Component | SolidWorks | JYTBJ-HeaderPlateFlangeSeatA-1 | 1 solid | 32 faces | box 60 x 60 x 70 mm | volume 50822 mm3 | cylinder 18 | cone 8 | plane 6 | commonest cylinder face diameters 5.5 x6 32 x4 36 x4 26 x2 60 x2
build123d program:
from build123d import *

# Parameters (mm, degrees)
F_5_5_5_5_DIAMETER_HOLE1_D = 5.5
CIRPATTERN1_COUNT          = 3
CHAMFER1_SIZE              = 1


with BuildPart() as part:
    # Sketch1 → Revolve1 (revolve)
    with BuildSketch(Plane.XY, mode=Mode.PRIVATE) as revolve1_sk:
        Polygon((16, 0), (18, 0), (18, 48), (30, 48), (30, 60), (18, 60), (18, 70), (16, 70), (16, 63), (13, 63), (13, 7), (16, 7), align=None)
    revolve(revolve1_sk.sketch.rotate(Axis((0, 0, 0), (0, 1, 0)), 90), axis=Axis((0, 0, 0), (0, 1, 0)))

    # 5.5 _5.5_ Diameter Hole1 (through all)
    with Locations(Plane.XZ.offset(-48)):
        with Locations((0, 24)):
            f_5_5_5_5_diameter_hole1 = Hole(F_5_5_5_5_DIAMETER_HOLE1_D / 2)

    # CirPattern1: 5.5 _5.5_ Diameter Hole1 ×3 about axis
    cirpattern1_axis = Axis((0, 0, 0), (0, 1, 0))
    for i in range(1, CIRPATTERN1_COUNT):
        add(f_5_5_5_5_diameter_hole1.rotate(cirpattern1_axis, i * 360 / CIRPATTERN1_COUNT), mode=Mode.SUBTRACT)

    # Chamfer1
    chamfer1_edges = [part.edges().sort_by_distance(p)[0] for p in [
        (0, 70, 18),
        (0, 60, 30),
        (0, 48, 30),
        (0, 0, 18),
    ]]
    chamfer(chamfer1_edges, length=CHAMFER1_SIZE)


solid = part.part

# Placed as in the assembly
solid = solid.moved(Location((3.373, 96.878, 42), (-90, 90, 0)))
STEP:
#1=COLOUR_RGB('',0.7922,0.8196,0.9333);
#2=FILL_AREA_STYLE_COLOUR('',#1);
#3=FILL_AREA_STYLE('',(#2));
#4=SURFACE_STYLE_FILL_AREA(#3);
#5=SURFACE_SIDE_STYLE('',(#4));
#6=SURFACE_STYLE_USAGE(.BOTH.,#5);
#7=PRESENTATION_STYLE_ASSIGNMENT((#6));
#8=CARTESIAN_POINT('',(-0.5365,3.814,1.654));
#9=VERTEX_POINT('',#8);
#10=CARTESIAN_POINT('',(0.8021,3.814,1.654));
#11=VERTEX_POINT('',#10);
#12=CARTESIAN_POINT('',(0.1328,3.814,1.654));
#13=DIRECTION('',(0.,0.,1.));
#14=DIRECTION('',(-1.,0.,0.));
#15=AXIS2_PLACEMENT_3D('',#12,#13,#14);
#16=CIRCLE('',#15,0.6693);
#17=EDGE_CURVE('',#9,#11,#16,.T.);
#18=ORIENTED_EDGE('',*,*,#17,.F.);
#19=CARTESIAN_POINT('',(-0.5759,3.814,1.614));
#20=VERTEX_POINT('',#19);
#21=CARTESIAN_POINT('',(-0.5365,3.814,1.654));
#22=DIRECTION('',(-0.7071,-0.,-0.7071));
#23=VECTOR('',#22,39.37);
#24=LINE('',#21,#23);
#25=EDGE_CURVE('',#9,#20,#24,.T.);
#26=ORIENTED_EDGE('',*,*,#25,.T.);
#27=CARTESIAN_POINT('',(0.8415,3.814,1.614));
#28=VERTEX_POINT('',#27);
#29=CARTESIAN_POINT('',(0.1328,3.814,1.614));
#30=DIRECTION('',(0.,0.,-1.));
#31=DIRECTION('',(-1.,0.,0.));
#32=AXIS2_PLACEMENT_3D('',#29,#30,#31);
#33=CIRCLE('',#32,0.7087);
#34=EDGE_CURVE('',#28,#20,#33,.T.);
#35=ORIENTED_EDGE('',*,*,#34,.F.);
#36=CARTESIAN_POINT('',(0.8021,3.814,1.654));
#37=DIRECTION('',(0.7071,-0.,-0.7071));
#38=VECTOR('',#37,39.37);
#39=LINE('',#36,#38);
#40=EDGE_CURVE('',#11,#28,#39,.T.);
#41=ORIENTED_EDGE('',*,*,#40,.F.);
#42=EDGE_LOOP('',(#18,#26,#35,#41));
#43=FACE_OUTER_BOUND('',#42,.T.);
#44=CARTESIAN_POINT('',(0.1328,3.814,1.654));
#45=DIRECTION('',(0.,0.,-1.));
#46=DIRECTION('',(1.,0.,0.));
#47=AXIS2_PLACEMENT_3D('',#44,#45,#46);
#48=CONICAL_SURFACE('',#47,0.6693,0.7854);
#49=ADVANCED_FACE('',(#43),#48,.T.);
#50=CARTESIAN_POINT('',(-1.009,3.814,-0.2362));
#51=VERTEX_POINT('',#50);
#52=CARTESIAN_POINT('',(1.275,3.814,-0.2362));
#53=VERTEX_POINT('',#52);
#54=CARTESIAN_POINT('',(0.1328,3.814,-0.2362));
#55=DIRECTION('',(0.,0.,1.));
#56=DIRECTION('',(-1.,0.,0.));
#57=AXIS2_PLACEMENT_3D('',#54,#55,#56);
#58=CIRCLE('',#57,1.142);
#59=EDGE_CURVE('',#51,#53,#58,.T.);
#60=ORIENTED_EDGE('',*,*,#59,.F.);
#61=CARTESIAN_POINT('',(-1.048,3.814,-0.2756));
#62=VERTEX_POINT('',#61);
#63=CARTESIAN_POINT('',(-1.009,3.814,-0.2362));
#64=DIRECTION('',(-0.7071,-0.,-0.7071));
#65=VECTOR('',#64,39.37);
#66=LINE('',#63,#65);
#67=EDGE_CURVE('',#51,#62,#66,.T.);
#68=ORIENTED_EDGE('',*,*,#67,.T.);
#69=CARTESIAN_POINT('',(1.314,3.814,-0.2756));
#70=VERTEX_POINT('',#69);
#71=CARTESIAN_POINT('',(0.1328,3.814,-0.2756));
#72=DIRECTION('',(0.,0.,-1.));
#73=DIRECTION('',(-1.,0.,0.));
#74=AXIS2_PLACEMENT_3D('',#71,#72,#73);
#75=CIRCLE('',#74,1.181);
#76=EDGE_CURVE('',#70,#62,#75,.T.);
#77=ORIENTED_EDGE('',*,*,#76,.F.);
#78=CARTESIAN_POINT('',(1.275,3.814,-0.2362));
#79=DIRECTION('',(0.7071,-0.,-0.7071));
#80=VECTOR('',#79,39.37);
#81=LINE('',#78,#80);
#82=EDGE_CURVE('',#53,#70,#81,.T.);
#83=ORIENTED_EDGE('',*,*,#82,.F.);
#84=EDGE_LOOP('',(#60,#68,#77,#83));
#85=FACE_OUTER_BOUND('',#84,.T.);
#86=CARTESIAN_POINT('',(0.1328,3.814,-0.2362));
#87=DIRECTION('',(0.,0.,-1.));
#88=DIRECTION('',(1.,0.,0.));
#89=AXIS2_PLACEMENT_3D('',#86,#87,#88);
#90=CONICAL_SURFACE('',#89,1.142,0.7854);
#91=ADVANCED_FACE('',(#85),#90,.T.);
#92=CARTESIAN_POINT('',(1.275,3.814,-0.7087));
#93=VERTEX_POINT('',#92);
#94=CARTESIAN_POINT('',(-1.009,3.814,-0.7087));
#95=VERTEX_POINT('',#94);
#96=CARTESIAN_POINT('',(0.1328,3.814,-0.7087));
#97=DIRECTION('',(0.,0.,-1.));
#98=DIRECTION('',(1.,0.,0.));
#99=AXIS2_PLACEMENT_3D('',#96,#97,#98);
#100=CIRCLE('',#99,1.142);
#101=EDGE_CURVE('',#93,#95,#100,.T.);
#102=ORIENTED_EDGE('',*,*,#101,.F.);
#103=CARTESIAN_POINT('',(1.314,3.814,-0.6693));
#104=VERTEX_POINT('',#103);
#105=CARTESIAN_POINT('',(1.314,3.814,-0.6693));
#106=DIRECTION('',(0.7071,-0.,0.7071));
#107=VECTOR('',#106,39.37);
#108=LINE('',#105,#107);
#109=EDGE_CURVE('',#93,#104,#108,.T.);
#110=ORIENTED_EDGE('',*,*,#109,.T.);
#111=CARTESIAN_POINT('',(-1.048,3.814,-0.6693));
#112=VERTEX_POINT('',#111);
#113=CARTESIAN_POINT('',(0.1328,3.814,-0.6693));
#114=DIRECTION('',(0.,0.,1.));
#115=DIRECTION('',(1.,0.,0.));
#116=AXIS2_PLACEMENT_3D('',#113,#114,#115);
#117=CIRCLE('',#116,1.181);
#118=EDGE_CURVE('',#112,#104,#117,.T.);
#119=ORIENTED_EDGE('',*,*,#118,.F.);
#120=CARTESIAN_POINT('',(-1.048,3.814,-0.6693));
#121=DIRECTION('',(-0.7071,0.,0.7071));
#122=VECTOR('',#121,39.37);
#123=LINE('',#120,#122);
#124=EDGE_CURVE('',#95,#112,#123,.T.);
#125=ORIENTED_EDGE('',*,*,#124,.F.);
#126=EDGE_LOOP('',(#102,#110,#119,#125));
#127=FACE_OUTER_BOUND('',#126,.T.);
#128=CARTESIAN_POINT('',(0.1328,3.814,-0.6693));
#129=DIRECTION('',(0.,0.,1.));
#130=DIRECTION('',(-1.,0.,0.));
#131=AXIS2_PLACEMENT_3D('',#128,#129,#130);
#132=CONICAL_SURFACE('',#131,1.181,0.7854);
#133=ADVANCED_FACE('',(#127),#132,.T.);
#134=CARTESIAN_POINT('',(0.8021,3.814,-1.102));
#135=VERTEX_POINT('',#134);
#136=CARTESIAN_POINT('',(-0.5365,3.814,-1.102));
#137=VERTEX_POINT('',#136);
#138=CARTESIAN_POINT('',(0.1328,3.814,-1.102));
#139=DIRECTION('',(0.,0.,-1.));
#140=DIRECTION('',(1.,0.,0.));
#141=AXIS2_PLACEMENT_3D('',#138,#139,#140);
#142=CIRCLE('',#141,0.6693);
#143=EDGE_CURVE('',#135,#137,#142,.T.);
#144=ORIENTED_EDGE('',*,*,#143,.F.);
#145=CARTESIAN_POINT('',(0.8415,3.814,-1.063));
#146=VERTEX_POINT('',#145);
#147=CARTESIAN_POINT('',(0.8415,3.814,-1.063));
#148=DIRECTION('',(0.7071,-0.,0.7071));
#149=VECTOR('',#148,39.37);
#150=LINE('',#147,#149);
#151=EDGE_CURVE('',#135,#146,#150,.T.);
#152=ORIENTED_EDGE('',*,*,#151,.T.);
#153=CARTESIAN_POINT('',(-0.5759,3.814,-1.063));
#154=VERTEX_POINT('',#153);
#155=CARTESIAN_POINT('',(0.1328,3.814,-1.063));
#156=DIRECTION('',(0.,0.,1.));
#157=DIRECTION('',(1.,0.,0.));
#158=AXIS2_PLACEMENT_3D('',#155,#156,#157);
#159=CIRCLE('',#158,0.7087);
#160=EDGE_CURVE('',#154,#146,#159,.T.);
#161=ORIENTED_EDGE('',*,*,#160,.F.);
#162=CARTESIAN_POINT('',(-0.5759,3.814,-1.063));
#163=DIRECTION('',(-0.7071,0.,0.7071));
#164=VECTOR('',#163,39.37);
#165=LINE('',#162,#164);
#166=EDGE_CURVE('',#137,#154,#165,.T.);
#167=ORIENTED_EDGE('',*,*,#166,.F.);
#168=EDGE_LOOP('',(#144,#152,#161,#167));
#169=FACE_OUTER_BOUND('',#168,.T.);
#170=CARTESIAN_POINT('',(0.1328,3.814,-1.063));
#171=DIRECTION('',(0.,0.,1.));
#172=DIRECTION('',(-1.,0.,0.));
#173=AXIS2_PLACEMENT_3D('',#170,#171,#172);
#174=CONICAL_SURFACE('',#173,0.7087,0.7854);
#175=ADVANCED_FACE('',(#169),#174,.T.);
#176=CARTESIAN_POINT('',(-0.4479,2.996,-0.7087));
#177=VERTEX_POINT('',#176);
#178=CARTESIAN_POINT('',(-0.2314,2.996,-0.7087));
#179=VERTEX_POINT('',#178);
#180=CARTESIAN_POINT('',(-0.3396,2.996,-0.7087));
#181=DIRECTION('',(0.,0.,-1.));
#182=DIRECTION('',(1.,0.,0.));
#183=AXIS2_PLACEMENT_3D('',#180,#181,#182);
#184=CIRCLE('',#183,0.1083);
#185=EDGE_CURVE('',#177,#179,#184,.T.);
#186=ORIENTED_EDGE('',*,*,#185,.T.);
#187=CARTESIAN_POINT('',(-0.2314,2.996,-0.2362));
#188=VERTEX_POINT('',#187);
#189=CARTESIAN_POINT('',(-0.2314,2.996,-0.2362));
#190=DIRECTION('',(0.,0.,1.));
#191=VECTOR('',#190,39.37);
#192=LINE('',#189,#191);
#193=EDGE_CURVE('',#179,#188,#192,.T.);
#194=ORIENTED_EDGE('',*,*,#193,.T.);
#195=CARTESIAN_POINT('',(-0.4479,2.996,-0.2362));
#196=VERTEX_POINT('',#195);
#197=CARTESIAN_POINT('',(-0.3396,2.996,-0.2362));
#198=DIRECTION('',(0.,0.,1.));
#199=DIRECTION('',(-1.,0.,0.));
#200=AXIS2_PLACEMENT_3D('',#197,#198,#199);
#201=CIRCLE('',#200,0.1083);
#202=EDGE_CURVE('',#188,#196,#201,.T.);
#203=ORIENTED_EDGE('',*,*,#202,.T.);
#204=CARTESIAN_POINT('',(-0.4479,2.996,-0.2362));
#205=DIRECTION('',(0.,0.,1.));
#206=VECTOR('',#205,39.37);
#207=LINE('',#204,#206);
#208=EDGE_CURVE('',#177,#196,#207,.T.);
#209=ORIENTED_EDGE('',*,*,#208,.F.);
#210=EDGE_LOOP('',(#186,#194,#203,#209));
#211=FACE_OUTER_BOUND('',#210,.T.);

• REQUIRED ACTION: What is needed is every line from the data above that includes the string "part", copied out.

• PROBLEM SOLUTION:
with BuildPart() as part:
    chamfer1_edges = [part.edges().sort_by_distance(p)[0] for p in [
solid = part.part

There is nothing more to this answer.